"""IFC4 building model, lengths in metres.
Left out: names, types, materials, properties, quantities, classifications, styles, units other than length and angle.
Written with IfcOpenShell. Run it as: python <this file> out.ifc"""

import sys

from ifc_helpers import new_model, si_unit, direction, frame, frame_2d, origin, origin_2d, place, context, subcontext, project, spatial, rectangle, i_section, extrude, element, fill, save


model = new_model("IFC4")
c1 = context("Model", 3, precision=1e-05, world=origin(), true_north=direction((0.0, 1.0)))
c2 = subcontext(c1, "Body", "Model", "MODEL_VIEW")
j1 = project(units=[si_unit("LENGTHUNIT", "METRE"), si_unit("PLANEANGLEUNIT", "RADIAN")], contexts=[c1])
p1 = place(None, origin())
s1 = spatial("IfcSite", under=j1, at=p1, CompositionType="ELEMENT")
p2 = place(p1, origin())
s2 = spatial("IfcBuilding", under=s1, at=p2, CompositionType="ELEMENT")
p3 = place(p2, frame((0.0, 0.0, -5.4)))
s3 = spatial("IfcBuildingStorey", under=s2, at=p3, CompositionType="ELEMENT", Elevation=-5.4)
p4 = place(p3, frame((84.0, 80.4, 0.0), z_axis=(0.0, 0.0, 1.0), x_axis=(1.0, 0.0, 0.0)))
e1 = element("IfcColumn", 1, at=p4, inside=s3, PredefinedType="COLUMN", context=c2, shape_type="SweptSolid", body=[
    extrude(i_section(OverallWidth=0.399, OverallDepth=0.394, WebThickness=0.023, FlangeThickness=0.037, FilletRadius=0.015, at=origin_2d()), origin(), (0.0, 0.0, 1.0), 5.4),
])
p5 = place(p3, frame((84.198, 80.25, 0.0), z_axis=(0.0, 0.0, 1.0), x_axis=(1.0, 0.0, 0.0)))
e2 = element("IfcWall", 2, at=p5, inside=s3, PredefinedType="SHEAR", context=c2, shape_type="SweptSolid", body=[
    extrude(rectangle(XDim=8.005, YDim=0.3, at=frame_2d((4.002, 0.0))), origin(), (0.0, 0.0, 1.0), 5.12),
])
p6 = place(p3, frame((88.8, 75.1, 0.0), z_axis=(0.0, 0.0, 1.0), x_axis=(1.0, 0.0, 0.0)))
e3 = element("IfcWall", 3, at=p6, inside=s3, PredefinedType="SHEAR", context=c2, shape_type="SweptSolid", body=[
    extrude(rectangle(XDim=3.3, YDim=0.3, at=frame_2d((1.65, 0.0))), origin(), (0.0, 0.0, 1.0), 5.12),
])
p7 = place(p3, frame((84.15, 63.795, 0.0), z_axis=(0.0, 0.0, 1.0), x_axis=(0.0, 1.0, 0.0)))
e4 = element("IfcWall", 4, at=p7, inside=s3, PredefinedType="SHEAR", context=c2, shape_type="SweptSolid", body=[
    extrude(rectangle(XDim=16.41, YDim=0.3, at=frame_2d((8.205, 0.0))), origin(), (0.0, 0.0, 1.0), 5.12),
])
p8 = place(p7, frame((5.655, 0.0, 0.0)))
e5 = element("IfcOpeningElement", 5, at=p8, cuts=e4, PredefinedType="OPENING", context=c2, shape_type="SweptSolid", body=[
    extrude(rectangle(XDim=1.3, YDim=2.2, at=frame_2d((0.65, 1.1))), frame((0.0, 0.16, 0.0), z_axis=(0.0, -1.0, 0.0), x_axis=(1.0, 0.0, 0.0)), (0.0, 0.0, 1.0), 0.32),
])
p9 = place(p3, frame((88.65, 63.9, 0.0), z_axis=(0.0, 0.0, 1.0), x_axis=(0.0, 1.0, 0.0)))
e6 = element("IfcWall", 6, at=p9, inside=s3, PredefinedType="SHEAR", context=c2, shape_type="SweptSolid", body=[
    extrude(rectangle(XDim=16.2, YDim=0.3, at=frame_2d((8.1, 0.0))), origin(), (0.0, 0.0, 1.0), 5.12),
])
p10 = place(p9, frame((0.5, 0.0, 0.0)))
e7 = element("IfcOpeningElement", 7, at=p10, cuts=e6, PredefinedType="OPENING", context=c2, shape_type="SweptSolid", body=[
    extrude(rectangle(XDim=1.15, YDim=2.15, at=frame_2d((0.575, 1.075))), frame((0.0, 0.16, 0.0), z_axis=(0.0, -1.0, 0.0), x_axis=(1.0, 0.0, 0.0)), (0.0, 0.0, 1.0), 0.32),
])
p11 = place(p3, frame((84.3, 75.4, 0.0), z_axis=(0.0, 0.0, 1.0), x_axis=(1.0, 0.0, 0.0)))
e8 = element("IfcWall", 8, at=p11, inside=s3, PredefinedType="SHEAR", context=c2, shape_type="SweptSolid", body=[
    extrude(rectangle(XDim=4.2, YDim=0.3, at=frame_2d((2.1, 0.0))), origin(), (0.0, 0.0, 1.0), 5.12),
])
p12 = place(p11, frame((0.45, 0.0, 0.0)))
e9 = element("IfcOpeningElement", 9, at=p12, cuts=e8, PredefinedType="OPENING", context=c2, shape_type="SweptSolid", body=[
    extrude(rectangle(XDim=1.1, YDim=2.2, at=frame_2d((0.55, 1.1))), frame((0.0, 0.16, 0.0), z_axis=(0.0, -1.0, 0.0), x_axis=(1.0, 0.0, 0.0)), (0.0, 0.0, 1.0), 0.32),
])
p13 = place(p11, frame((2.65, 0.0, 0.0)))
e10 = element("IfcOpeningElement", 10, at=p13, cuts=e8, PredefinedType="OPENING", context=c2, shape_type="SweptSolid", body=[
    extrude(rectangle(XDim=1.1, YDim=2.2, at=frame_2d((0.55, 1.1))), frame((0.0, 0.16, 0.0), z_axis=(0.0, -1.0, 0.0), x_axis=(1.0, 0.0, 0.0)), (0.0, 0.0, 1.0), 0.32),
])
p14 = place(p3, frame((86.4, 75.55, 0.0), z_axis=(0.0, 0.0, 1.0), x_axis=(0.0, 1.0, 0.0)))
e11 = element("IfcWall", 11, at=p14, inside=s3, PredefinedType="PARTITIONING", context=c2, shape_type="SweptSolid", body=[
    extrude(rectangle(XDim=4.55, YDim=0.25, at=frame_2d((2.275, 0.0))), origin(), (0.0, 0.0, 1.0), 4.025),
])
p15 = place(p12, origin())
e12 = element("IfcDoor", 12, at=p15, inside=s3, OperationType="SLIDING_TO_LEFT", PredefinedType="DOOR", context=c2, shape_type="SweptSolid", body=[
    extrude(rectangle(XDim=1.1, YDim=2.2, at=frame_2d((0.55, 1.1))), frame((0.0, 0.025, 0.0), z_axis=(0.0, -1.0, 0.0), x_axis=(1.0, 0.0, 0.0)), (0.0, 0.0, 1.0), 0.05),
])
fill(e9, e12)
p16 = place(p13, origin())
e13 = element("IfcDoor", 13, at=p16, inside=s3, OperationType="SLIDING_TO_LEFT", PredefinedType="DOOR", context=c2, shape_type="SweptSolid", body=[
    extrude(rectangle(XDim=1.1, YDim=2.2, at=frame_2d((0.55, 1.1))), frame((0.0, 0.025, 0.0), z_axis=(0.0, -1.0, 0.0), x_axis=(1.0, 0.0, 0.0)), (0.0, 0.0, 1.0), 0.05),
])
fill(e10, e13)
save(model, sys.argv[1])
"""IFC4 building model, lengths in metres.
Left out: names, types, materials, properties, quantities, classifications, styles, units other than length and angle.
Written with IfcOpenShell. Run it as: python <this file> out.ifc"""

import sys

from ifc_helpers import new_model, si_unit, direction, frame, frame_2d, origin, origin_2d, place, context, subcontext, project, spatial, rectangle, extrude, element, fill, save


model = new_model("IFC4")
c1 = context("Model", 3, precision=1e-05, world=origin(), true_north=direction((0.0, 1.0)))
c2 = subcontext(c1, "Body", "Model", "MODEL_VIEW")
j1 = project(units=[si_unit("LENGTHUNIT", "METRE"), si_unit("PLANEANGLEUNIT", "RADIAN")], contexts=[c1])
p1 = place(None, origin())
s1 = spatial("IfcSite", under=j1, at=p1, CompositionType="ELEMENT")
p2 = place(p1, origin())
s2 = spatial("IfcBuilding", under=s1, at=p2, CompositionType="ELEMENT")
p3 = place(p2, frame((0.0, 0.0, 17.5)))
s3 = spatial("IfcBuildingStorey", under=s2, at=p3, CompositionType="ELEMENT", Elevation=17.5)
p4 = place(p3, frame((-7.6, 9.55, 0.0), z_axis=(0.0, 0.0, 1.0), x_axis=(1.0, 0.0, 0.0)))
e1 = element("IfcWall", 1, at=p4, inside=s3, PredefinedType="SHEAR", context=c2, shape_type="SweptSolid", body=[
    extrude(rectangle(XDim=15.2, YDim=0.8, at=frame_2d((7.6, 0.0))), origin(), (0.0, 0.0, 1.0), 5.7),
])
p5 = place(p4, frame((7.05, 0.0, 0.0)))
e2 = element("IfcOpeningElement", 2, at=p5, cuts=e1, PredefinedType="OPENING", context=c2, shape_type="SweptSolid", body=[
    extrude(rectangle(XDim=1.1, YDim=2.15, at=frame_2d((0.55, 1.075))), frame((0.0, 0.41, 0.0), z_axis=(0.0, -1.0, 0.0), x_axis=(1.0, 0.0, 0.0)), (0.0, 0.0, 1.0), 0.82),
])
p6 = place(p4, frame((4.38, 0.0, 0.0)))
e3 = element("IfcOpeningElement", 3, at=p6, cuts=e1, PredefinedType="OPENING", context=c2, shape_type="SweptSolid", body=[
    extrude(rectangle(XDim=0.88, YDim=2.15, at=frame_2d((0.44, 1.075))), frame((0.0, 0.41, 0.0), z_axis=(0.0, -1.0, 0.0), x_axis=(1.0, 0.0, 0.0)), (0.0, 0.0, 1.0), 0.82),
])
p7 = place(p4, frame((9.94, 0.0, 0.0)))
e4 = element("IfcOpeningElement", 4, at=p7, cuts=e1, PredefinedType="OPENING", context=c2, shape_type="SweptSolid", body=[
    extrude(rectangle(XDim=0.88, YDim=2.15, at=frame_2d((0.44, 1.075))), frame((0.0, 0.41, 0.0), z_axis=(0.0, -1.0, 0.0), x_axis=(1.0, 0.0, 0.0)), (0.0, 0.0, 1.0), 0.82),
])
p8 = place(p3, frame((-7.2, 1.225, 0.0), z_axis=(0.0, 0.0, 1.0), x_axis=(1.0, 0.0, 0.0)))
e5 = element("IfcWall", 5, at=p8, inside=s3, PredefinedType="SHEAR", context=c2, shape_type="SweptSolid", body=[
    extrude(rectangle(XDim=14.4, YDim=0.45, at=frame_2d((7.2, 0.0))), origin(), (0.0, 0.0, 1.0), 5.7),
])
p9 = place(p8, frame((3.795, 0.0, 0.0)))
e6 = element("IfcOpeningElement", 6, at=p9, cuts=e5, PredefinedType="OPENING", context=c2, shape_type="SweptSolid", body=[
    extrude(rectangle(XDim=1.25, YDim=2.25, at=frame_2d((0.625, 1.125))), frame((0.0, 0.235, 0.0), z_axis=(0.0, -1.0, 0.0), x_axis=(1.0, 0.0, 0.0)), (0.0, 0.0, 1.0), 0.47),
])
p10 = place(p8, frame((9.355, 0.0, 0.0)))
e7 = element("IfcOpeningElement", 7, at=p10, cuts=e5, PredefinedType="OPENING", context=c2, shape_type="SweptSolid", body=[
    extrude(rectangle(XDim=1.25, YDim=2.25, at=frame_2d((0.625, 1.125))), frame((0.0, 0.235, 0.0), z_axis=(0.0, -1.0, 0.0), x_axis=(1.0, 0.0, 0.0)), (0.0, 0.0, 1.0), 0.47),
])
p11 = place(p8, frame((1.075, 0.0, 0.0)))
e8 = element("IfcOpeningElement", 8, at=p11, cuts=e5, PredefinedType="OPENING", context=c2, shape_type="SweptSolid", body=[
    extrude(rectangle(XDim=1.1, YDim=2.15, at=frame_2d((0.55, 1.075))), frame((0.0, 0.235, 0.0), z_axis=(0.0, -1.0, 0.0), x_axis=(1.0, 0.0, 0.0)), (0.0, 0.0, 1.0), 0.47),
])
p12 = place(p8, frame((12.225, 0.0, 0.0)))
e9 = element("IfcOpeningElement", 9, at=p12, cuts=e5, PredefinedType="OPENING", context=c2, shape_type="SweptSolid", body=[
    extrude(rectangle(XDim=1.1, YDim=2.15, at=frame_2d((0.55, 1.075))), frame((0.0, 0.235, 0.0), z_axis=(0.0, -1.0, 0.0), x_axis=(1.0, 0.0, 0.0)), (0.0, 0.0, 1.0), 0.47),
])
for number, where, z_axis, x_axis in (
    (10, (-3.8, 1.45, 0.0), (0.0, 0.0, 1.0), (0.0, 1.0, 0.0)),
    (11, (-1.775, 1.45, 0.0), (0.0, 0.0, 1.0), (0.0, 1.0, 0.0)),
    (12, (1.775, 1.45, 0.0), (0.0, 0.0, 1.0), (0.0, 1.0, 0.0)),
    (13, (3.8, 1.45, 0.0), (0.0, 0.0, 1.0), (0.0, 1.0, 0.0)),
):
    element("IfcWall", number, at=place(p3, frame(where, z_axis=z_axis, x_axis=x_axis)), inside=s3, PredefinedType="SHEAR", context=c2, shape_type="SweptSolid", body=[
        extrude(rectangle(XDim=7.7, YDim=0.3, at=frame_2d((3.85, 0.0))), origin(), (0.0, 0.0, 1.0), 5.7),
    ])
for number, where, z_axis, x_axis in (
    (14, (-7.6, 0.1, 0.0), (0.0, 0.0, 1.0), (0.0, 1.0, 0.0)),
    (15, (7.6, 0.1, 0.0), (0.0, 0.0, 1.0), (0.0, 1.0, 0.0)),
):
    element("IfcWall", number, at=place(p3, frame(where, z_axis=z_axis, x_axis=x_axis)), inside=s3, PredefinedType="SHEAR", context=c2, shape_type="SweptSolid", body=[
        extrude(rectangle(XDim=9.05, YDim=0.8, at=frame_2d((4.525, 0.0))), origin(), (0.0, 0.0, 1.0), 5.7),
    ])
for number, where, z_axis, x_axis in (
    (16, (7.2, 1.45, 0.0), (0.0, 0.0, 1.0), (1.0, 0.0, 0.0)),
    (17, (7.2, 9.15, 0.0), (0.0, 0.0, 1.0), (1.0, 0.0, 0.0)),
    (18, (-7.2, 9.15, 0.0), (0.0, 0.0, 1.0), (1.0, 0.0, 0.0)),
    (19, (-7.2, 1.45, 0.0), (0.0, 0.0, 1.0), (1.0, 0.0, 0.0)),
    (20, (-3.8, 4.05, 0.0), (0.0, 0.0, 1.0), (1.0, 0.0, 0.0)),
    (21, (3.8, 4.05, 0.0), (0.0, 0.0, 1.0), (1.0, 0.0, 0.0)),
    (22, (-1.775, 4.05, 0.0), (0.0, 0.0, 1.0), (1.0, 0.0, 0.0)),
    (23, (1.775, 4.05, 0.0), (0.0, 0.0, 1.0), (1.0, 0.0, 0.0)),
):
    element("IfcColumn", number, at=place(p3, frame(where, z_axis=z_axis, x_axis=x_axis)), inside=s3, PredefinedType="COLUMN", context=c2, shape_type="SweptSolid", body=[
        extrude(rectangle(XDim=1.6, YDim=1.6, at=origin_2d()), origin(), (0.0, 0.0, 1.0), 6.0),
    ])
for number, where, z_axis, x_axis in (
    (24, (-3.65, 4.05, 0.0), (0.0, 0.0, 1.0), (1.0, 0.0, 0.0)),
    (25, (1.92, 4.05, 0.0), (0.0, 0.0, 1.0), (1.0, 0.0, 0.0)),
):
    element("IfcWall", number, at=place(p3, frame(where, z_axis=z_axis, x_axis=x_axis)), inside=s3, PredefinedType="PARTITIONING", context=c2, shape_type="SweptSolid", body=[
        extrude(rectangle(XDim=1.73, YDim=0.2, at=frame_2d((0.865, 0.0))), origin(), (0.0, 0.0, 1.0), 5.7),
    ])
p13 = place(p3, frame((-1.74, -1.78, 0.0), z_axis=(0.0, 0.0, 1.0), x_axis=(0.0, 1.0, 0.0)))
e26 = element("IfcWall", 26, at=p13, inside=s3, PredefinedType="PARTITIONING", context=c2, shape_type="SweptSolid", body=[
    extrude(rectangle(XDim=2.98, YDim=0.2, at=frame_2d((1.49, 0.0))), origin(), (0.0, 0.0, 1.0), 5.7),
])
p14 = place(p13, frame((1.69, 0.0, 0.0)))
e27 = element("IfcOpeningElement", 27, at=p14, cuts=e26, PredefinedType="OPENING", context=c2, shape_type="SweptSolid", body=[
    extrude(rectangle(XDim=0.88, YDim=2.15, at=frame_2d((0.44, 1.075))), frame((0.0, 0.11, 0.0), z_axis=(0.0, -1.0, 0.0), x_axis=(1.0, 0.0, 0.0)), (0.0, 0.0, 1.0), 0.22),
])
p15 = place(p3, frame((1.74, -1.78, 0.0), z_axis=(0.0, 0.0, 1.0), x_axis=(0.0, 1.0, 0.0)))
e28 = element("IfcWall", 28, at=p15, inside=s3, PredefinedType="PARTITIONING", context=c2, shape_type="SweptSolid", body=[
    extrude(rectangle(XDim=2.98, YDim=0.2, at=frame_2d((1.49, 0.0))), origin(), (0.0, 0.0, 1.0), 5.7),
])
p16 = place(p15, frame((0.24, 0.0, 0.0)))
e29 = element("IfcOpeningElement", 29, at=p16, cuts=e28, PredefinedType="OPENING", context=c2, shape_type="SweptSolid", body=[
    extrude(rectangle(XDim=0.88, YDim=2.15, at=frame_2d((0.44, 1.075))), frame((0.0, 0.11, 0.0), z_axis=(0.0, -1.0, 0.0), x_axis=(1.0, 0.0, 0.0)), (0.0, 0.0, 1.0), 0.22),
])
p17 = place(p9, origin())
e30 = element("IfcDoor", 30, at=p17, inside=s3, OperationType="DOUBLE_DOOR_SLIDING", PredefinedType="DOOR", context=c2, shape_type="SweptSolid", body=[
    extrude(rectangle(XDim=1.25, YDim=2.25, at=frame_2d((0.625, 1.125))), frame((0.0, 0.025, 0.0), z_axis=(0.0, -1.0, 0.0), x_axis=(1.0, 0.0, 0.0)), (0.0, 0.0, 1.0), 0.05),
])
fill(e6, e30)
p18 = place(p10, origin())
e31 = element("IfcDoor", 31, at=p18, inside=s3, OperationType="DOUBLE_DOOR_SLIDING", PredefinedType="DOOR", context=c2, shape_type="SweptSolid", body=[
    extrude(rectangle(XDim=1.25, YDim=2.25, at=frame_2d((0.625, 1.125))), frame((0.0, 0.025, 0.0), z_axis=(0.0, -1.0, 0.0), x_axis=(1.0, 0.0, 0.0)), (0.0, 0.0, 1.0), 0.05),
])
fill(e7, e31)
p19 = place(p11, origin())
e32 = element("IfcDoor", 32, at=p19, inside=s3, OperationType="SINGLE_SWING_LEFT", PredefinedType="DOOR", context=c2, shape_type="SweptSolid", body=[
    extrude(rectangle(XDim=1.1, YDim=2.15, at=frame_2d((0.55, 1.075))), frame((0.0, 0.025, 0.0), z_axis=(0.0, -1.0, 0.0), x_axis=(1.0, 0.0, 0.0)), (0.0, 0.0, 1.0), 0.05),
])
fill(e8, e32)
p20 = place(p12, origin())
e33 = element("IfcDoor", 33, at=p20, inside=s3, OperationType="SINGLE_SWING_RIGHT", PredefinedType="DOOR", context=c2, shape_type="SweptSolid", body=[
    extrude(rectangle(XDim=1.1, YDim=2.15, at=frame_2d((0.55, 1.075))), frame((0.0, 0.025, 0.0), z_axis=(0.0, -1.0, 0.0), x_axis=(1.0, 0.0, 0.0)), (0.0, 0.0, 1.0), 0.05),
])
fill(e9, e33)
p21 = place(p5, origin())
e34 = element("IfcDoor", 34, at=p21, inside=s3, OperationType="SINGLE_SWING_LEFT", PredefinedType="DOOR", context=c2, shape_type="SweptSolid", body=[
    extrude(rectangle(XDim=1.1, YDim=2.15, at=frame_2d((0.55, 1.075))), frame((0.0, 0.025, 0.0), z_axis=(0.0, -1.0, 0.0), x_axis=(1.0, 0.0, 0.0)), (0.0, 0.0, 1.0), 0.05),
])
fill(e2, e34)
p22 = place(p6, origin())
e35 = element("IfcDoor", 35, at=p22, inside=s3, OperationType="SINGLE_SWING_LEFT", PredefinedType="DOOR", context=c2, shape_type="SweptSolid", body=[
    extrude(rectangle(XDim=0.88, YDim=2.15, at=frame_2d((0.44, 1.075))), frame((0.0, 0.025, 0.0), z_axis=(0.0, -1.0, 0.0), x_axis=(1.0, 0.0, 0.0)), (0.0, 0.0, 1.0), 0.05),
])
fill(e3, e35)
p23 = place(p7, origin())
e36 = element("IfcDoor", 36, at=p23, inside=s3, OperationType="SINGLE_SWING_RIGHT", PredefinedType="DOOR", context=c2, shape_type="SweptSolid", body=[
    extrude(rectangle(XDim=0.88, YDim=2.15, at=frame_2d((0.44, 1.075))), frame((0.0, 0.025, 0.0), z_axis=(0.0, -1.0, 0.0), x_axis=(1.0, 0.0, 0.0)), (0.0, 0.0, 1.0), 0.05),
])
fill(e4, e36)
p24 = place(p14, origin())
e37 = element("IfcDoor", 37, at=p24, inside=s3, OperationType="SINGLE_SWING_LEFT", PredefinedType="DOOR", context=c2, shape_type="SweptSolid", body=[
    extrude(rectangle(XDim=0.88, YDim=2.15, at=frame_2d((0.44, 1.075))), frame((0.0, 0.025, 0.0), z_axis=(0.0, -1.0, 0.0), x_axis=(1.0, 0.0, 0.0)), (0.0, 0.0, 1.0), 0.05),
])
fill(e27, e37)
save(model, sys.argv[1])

******

● **TASK ITEM**
The answer must be every line of the records above that holds the word "subcontext".

● **WORKED SOLUTION**
from ifc_helpers import new_model, si_unit, direction, frame, frame_2d, origin, origin_2d, place, context, subcontext, project, spatial, rectangle, i_section, extrude, element, fill, save
c2 = subcontext(c1, "Body", "Model", "MODEL_VIEW")
from ifc_helpers import new_model, si_unit, direction, frame, frame_2d, origin, origin_2d, place, context, subcontext, project, spatial, rectangle, extrude, element, fill, save
c2 = subcontext(c1, "Body", "Model", "MODEL_VIEW")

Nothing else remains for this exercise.